What the task requires:
From the line with "p28 = place(p7, origin())" through the line with "fill(e15, e32)", repeat the entries verbatim, both end lines included, and add nothing.

(Entries taken from a collection)
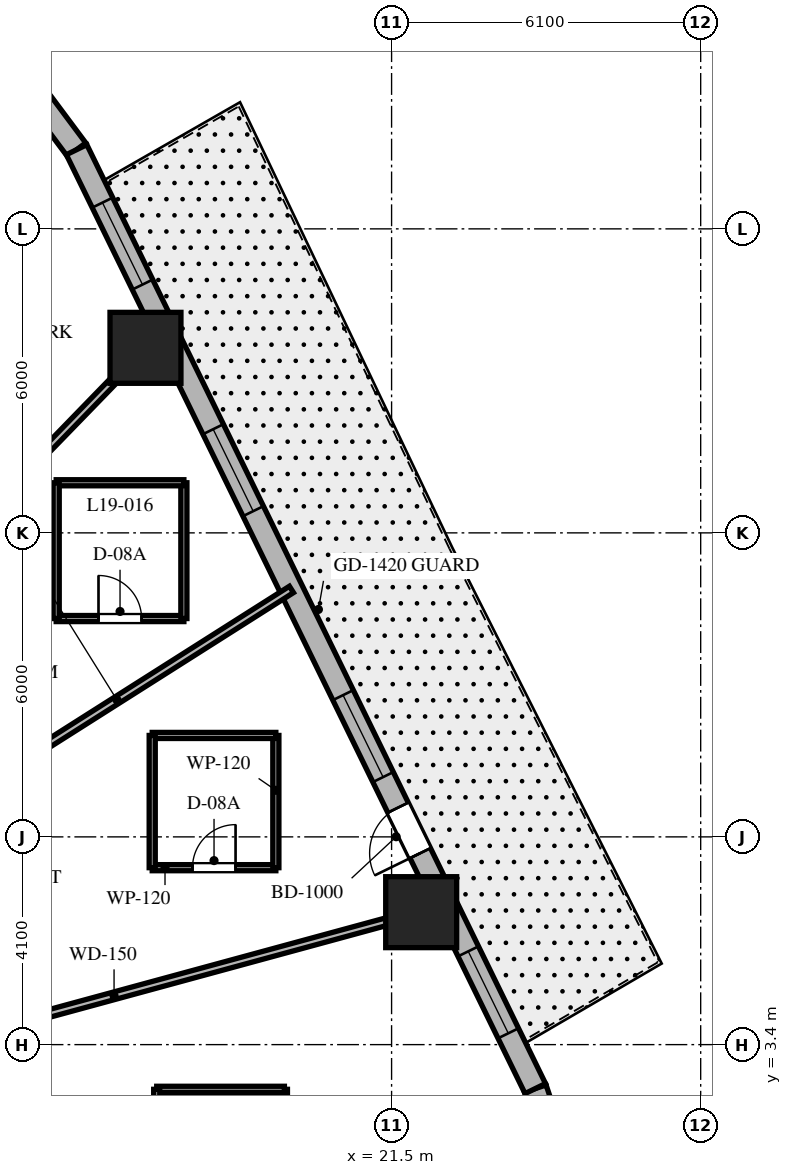
"""IFC4 building model, lengths in metres.
Left out: names, types, materials, properties, quantities, classifications, styles, units other than length and angle.
Written with IfcOpenShell. Run it as: python <this file> out.ifc"""

import sys

from ifc_helpers import new_model, si_unit, direction, frame, frame_2d, origin, origin_2d, place, context, subcontext, project, spatial, rectangle, extrude, element, fill, save


model = new_model("IFC4")
c1 = context("Model", 3, precision=1e-05, world=origin(), true_north=direction((0.0, 1.0)))
c2 = subcontext(c1, "Body", "Model", "MODEL_VIEW")
j1 = project(units=[si_unit("LENGTHUNIT", "METRE"), si_unit("PLANEANGLEUNIT", "RADIAN")], contexts=[c1])
p1 = place(None, origin())
s1 = spatial("IfcSite", under=j1, at=p1, CompositionType="ELEMENT")
p2 = place(p1, origin())
s2 = spatial("IfcBuilding", under=s1, at=p2, CompositionType="ELEMENT")
p3 = place(p2, frame((0.0, 0.0, 82.3)))
s3 = spatial("IfcBuildingStorey", under=s2, at=p3, CompositionType="ELEMENT", Elevation=82.3)
for number, where, z_axis, x_axis in (
    (1, (22.084, 6.014, 0.0), (0.0, 0.0, 1.0), (1.0, 0.0, 0.0)),
    (2, (16.643, 17.152, 0.0), (0.0, 0.0, 1.0), (1.0, 0.0, 0.0)),
):
    element("IfcColumn", number, at=place(p3, frame(where, z_axis=z_axis, x_axis=x_axis)), inside=s3, PredefinedType="COLUMN", context=c2, shape_type="SweptSolid", body=[
        extrude(rectangle(XDim=1.4, YDim=1.4, at=origin_2d()), origin(), (0.0, 0.0, 1.0), 3.7),
    ])
p4 = place(p3, frame((24.621, 1.682, 0.0), z_axis=(0.0, 0.0, 1.0), x_axis=(-0.317697451681, 0.948192137278, 0.0)))
e3 = element("IfcWall", 3, at=p4, inside=s3, PredefinedType="SOLIDWALL", context=c2, shape_type="SweptSolid", body=[
    extrude(rectangle(XDim=0.897, YDim=0.45, at=frame_2d((0.448, 0.0))), origin(), (0.0, 0.0, 1.0), 3.38),
])
p5 = place(p3, frame((15.284, 21.062, 0.0), z_axis=(0.0, 0.0, 1.0), x_axis=(-0.597595366449, 0.801797841104, 0.0)))
e4 = element("IfcWall", 4, at=p5, inside=s3, PredefinedType="SOLIDWALL", context=c2, shape_type="SweptSolid", body=[
    extrude(rectangle(XDim=1.269, YDim=0.45, at=frame_2d((0.634, 0.0))), origin(), (0.0, 0.0, 1.0), 3.38),
])
p6 = place(p3, frame((24.336, 2.532, 0.0), z_axis=(0.0, 0.0, 1.0), x_axis=(-0.438931326393, 0.898520612291, 0.0)))
e5 = element("IfcWall", 5, at=p6, inside=s3, PredefinedType="SOLIDWALL", context=c2, shape_type="SweptSolid", body=[
    extrude(rectangle(XDim=20.623, YDim=0.45, at=frame_2d((10.312, 0.0))), origin(), (0.0, 0.0, 1.0), 3.38),
])
p7 = place(p6, frame((5.171, 0.0, 0.0)))
e6 = element("IfcOpeningElement", 6, at=p7, cuts=e5, PredefinedType="OPENING", context=c2, shape_type="SweptSolid", body=[
    extrude(rectangle(XDim=1.0, YDim=2.15, at=frame_2d((0.5, 1.075))), frame((0.0, 0.235, 0.0), z_axis=(0.0, -1.0, 0.0), x_axis=(1.0, 0.0, 0.0)), (0.0, 0.0, 1.0), 0.47),
])
p8 = place(p6, frame((6.842, 0.0, 0.8)))
e7 = element("IfcOpeningElement", 7, at=p8, cuts=e5, PredefinedType="OPENING", context=c2, shape_type="SweptSolid", body=[
    extrude(rectangle(XDim=1.8, YDim=1.8, at=frame_2d((0.9, 0.9))), frame((0.0, 0.235, 0.0), z_axis=(0.0, -1.0, 0.0), x_axis=(1.0, 0.0, 0.0)), (0.0, 0.0, 1.0), 0.47),
])
p9 = place(p6, frame((12.683, 0.0, 0.8)))
e8 = element("IfcOpeningElement", 8, at=p9, cuts=e5, PredefinedType="OPENING", context=c2, shape_type="SweptSolid", body=[
    extrude(rectangle(XDim=1.8, YDim=1.8, at=frame_2d((0.9, 0.9))), frame((0.0, 0.235, 0.0), z_axis=(0.0, -1.0, 0.0), x_axis=(1.0, 0.0, 0.0)), (0.0, 0.0, 1.0), 0.47),
])
p10 = place(p6, frame((17.66, 0.0, 0.8)))
e9 = element("IfcOpeningElement", 9, at=p10, cuts=e5, PredefinedType="OPENING", context=c2, shape_type="SweptSolid", body=[
    extrude(rectangle(XDim=1.8, YDim=1.8, at=frame_2d((0.9, 0.9))), frame((0.0, 0.235, 0.0), z_axis=(0.0, -1.0, 0.0), x_axis=(1.0, 0.0, 0.0)), (0.0, 0.0, 1.0), 0.47),
])
p11 = place(p6, frame((1.214, 0.0, 0.8)))
e10 = element("IfcOpeningElement", 10, at=p11, cuts=e5, PredefinedType="OPENING", context=c2, shape_type="SweptSolid", body=[
    extrude(rectangle(XDim=1.8, YDim=1.8, at=frame_2d((0.9, 0.9))), frame((0.0, 0.235, 0.0), z_axis=(0.0, -1.0, 0.0), x_axis=(1.0, 0.0, 0.0)), (0.0, 0.0, 1.0), 0.47),
])
p12 = place(p3, frame((11.35, 3.091, 0.0), z_axis=(0.0, 0.0, 1.0), x_axis=(0.964859685283, 0.262765651704, 0.0)))
e11 = element("IfcWall", 11, at=p12, inside=s3, PredefinedType="PARTITIONING", context=c2, shape_type="SweptSolid", body=[
    extrude(rectangle(XDim=11.629, YDim=0.15, at=frame_2d((5.814, 0.0))), origin(), (0.0, 0.0, 1.0), 2.52),
])
p13 = place(p3, frame((11.35, 7.199, 0.0), z_axis=(0.0, 0.0, 1.0), x_axis=(0.844458213289, 0.535621439087, 0.0)))
e12 = element("IfcWall", 12, at=p13, inside=s3, PredefinedType="PARTITIONING", context=c2, shape_type="SweptSolid", body=[
    extrude(rectangle(XDim=9.679, YDim=0.15, at=frame_2d((4.84, 0.0))), origin(), (0.0, 0.0, 1.0), 2.52),
])
p14 = place(p3, frame((9.558, 9.85, 0.0), z_axis=(0.0, 0.0, 1.0), x_axis=(0.69638346089, 0.717669893056, 0.0)))
e13 = element("IfcWall", 13, at=p14, inside=s3, PredefinedType="PARTITIONING", context=c2, shape_type="SweptSolid", body=[
    extrude(rectangle(XDim=10.701, YDim=0.15, at=frame_2d((5.351, 0.0))), origin(), (0.0, 0.0, 1.0), 2.52),
])
p15 = place(p3, frame((16.776, 6.892, 0.0), z_axis=(0.0, 0.0, 1.0), x_axis=(1.0, 0.0, 0.0)))
e14 = element("IfcWall", 14, at=p15, inside=s3, PredefinedType="PARTITIONING", context=c2, shape_type="SweptSolid", body=[
    extrude(rectangle(XDim=2.44, YDim=0.12, at=frame_2d((1.22, 0.0))), origin(), (0.0, 0.0, 1.0), 2.906),
])
p16 = place(p15, frame((0.795, 0.0, 0.0)))
e15 = element("IfcOpeningElement", 15, at=p16, cuts=e14, PredefinedType="OPENING", context=c2, shape_type="SweptSolid", body=[
    extrude(rectangle(XDim=0.85, YDim=2.03, at=frame_2d((0.425, 1.015))), frame((0.0, 0.07, 0.0), z_axis=(0.0, -1.0, 0.0), x_axis=(1.0, 0.0, 0.0)), (0.0, 0.0, 1.0), 0.14),
])
p17 = place(p3, frame((19.216, 6.892, 0.0), z_axis=(0.0, 0.0, 1.0), x_axis=(0.0, 1.0, 0.0)))
e16 = element("IfcWall", 16, at=p17, inside=s3, PredefinedType="PARTITIONING", context=c2, shape_type="SweptSolid", body=[
    extrude(rectangle(XDim=2.61, YDim=0.12, at=frame_2d((1.305, 0.0))), origin(), (0.0, 0.0, 1.0), 3.38),
])
p18 = place(p3, frame((19.216, 9.502, 0.0), z_axis=(0.0, 0.0, 1.0), x_axis=(-1.0, 0.0, 0.0)))
e17 = element("IfcWall", 17, at=p18, inside=s3, PredefinedType="PARTITIONING", context=c2, shape_type="SweptSolid", body=[
    extrude(rectangle(XDim=2.44, YDim=0.12, at=frame_2d((1.22, 0.0))), origin(), (0.0, 0.0, 1.0), 3.38),
])
p19 = place(p3, frame((16.776, 9.502, 0.0), z_axis=(0.0, 0.0, 1.0), x_axis=(0.0, -1.0, 0.0)))
e18 = element("IfcWall", 18, at=p19, inside=s3, PredefinedType="PARTITIONING", context=c2, shape_type="SweptSolid", body=[
    extrude(rectangle(XDim=2.61, YDim=0.12, at=frame_2d((1.305, 0.0))), origin(), (0.0, 0.0, 1.0), 2.906),
])
p20 = place(p3, frame((14.881, 11.809, 0.0), z_axis=(0.0, 0.0, 1.0), x_axis=(1.0, 0.0, 0.0)))
e19 = element("IfcWall", 19, at=p20, inside=s3, PredefinedType="PARTITIONING", context=c2, shape_type="SweptSolid", body=[
    extrude(rectangle(XDim=2.52, YDim=0.12, at=frame_2d((1.26, 0.0))), origin(), (0.0, 0.0, 1.0), 2.906),
])
p21 = place(p20, frame((0.835, 0.0, 0.0)))
e20 = element("IfcOpeningElement", 20, at=p21, cuts=e19, PredefinedType="OPENING", context=c2, shape_type="SweptSolid", body=[
    extrude(rectangle(XDim=0.85, YDim=2.03, at=frame_2d((0.425, 1.015))), frame((0.0, 0.07, 0.0), z_axis=(0.0, -1.0, 0.0), x_axis=(1.0, 0.0, 0.0)), (0.0, 0.0, 1.0), 0.14),
])
p22 = place(p3, frame((17.401, 11.809, 0.0), z_axis=(0.0, 0.0, 1.0), x_axis=(0.0, 1.0, 0.0)))
e21 = element("IfcWall", 21, at=p22, inside=s3, PredefinedType="PARTITIONING", context=c2, shape_type="SweptSolid", body=[
    extrude(rectangle(XDim=2.68, YDim=0.12, at=frame_2d((1.34, 0.0))), origin(), (0.0, 0.0, 1.0), 3.38),
])
p23 = place(p3, frame((17.401, 14.489, 0.0), z_axis=(0.0, 0.0, 1.0), x_axis=(-1.0, 0.0, 0.0)))
e22 = element("IfcWall", 22, at=p23, inside=s3, PredefinedType="PARTITIONING", context=c2, shape_type="SweptSolid", body=[
    extrude(rectangle(XDim=2.52, YDim=0.12, at=frame_2d((1.26, 0.0))), origin(), (0.0, 0.0, 1.0), 3.38),
])
p24 = place(p3, frame((14.881, 14.489, 0.0), z_axis=(0.0, 0.0, 1.0), x_axis=(0.0, -1.0, 0.0)))
e23 = element("IfcWall", 23, at=p24, inside=s3, PredefinedType="PARTITIONING", context=c2, shape_type="SweptSolid", body=[
    extrude(rectangle(XDim=2.68, YDim=0.12, at=frame_2d((1.34, 0.0))), origin(), (0.0, 0.0, 1.0), 2.906),
])
p25 = place(p3, frame((19.385, -0.162, 0.0), z_axis=(0.0, 0.0, 1.0), x_axis=(0.0, 1.0, 0.0)))
e24 = element("IfcWall", 24, at=p25, inside=s3, PredefinedType="PARTITIONING", context=c2, shape_type="SweptSolid", body=[
    extrude(rectangle(XDim=2.68, YDim=0.12, at=frame_2d((1.34, 0.0))), origin(), (0.0, 0.0, 1.0), 3.38),
])
p26 = place(p3, frame((19.385, 2.518, 0.0), z_axis=(0.0, 0.0, 1.0), x_axis=(-1.0, 0.0, 0.0)))
e25 = element("IfcWall", 25, at=p26, inside=s3, PredefinedType="PARTITIONING", context=c2, shape_type="SweptSolid", body=[
    extrude(rectangle(XDim=2.52, YDim=0.12, at=frame_2d((1.26, 0.0))), origin(), (0.0, 0.0, 1.0), 2.82),
])
p27 = place(p3, frame((16.865, 2.518, 0.0), z_axis=(0.0, 0.0, 1.0), x_axis=(0.0, -1.0, 0.0)))
e26 = element("IfcWall", 26, at=p27, inside=s3, PredefinedType="PARTITIONING", context=c2, shape_type="SweptSolid", body=[
    extrude(rectangle(XDim=2.68, YDim=0.12, at=frame_2d((1.34, 0.0))), origin(), (0.0, 0.0, 1.0), 3.38),
])
p28 = place(p7, origin())
e27 = element("IfcDoor", 27, at=p28, inside=s3, OperationType="SINGLE_SWING_LEFT", PredefinedType="DOOR", context=c2, shape_type="SweptSolid", body=[
    extrude(rectangle(XDim=1.0, YDim=2.15, at=frame_2d((0.5, 1.075))), frame((0.0, 0.025, 0.0), z_axis=(0.0, -1.0, 0.0), x_axis=(1.0, 0.0, 0.0)), (0.0, 0.0, 1.0), 0.05),
])
fill(e6, e27)
p29 = place(p8, origin())
e28 = element("IfcWindow", 28, at=p29, inside=s3, PartitioningType="SINGLE_PANEL", PredefinedType="WINDOW", context=c2, shape_type="SweptSolid", body=[
    extrude(rectangle(XDim=1.8, YDim=1.8, at=frame_2d((0.9, 0.9))), frame((0.0, 0.03, 0.0), z_axis=(0.0, -1.0, 0.0), x_axis=(1.0, 0.0, 0.0)), (0.0, 0.0, 1.0), 0.06),
])
fill(e7, e28)
p30 = place(p9, origin())
e29 = element("IfcWindow", 29, at=p30, inside=s3, PartitioningType="SINGLE_PANEL", PredefinedType="WINDOW", context=c2, shape_type="SweptSolid", body=[
    extrude(rectangle(XDim=1.8, YDim=1.8, at=frame_2d((0.9, 0.9))), frame((0.0, 0.03, 0.0), z_axis=(0.0, -1.0, 0.0), x_axis=(1.0, 0.0, 0.0)), (0.0, 0.0, 1.0), 0.06),
])
fill(e8, e29)
p31 = place(p10, origin())
e30 = element("IfcWindow", 30, at=p31, inside=s3, PartitioningType="SINGLE_PANEL", PredefinedType="WINDOW", context=c2, shape_type="SweptSolid", body=[
    extrude(rectangle(XDim=1.8, YDim=1.8, at=frame_2d((0.9, 0.9))), frame((0.0, 0.03, 0.0), z_axis=(0.0, -1.0, 0.0), x_axis=(1.0, 0.0, 0.0)), (0.0, 0.0, 1.0), 0.06),
])
fill(e9, e30)
p32 = place(p11, origin())
e31 = element("IfcWindow", 31, at=p32, inside=s3, PartitioningType="SINGLE_PANEL", PredefinedType="WINDOW", context=c2, shape_type="SweptSolid", body=[
    extrude(rectangle(XDim=1.8, YDim=1.8, at=frame_2d((0.9, 0.9))), frame((0.0, 0.03, 0.0), z_axis=(0.0, -1.0, 0.0), x_axis=(1.0, 0.0, 0.0)), (0.0, 0.0, 1.0), 0.06),
])
fill(e10, e31)
p33 = place(p16, origin())
e32 = element("IfcDoor", 32, at=p33, inside=s3, OperationType="SINGLE_SWING_RIGHT", PredefinedType="DOOR", context=c2, shape_type="SweptSolid", body=[
    extrude(rectangle(XDim=0.85, YDim=2.03, at=frame_2d((0.425, 1.015))), frame((0.0, 0.025, 0.0), z_axis=(0.0, -1.0, 0.0), x_axis=(1.0, 0.0, 0.0)), (0.0, 0.0, 1.0), 0.05),
])
fill(e15, e32)
p34 = place(p21, origin())
e33 = element("IfcDoor", 33, at=p34, inside=s3, OperationType="SINGLE_SWING_LEFT", PredefinedType="DOOR", context=c2, shape_type="SweptSolid", body=[
    extrude(rectangle(XDim=0.85, YDim=2.03, at=frame_2d((0.425, 1.015))), frame((0.0, 0.025, 0.0), z_axis=(0.0, -1.0, 0.0), x_axis=(1.0, 0.0, 0.0)), (0.0, 0.0, 1.0), 0.05),
])
fill(e20, e33)
save(model, sys.argv[1])

Exercise response:
p28 = place(p7, origin())
e27 = element("IfcDoor", 27, at=p28, inside=s3, OperationType="SINGLE_SWING_LEFT", PredefinedType="DOOR", context=c2, shape_type="SweptSolid", body=[
    extrude(rectangle(XDim=1.0, YDim=2.15, at=frame_2d((0.5, 1.075))), frame((0.0, 0.025, 0.0), z_axis=(0.0, -1.0, 0.0), x_axis=(1.0, 0.0, 0.0)), (0.0, 0.0, 1.0), 0.05),
])
fill(e6, e27)
p29 = place(p8, origin())
e28 = element("IfcWindow", 28, at=p29, inside=s3, PartitioningType="SINGLE_PANEL", PredefinedType="WINDOW", context=c2, shape_type="SweptSolid", body=[
    extrude(rectangle(XDim=1.8, YDim=1.8, at=frame_2d((0.9, 0.9))), frame((0.0, 0.03, 0.0), z_axis=(0.0, -1.0, 0.0), x_axis=(1.0, 0.0, 0.0)), (0.0, 0.0, 1.0), 0.06),
])
fill(e7, e28)
p30 = place(p9, origin())
e29 = element("IfcWindow", 29, at=p30, inside=s3, PartitioningType="SINGLE_PANEL", PredefinedType="WINDOW", context=c2, shape_type="SweptSolid", body=[
    extrude(rectangle(XDim=1.8, YDim=1.8, at=frame_2d((0.9, 0.9))), frame((0.0, 0.03, 0.0), z_axis=(0.0, -1.0, 0.0), x_axis=(1.0, 0.0, 0.0)), (0.0, 0.0, 1.0), 0.06),
])
fill(e8, e29)
p31 = place(p10, origin())
e30 = element("IfcWindow", 30, at=p31, inside=s3, PartitioningType="SINGLE_PANEL", PredefinedType="WINDOW", context=c2, shape_type="SweptSolid", body=[
    extrude(rectangle(XDim=1.8, YDim=1.8, at=frame_2d((0.9, 0.9))), frame((0.0, 0.03, 0.0), z_axis=(0.0, -1.0, 0.0), x_axis=(1.0, 0.0, 0.0)), (0.0, 0.0, 1.0), 0.06),
])
fill(e9, e30)
p32 = place(p11, origin())
e31 = element("IfcWindow", 31, at=p32, inside=s3, PartitioningType="SINGLE_PANEL", PredefinedType="WINDOW", context=c2, shape_type="SweptSolid", body=[
    extrude(rectangle(XDim=1.8, YDim=1.8, at=frame_2d((0.9, 0.9))), frame((0.0, 0.03, 0.0), z_axis=(0.0, -1.0, 0.0), x_axis=(1.0, 0.0, 0.0)), (0.0, 0.0, 1.0), 0.06),
])
fill(e10, e31)
p33 = place(p16, origin())
e32 = element("IfcDoor", 32, at=p33, inside=s3, OperationType="SINGLE_SWING_RIGHT", PredefinedType="DOOR", context=c2, shape_type="SweptSolid", body=[
    extrude(rectangle(XDim=0.85, YDim=2.03, at=frame_2d((0.425, 1.015))), frame((0.0, 0.025, 0.0), z_axis=(0.0, -1.0, 0.0), x_axis=(1.0, 0.0, 0.0)), (0.0, 0.0, 1.0), 0.05),
])
fill(e15, e32)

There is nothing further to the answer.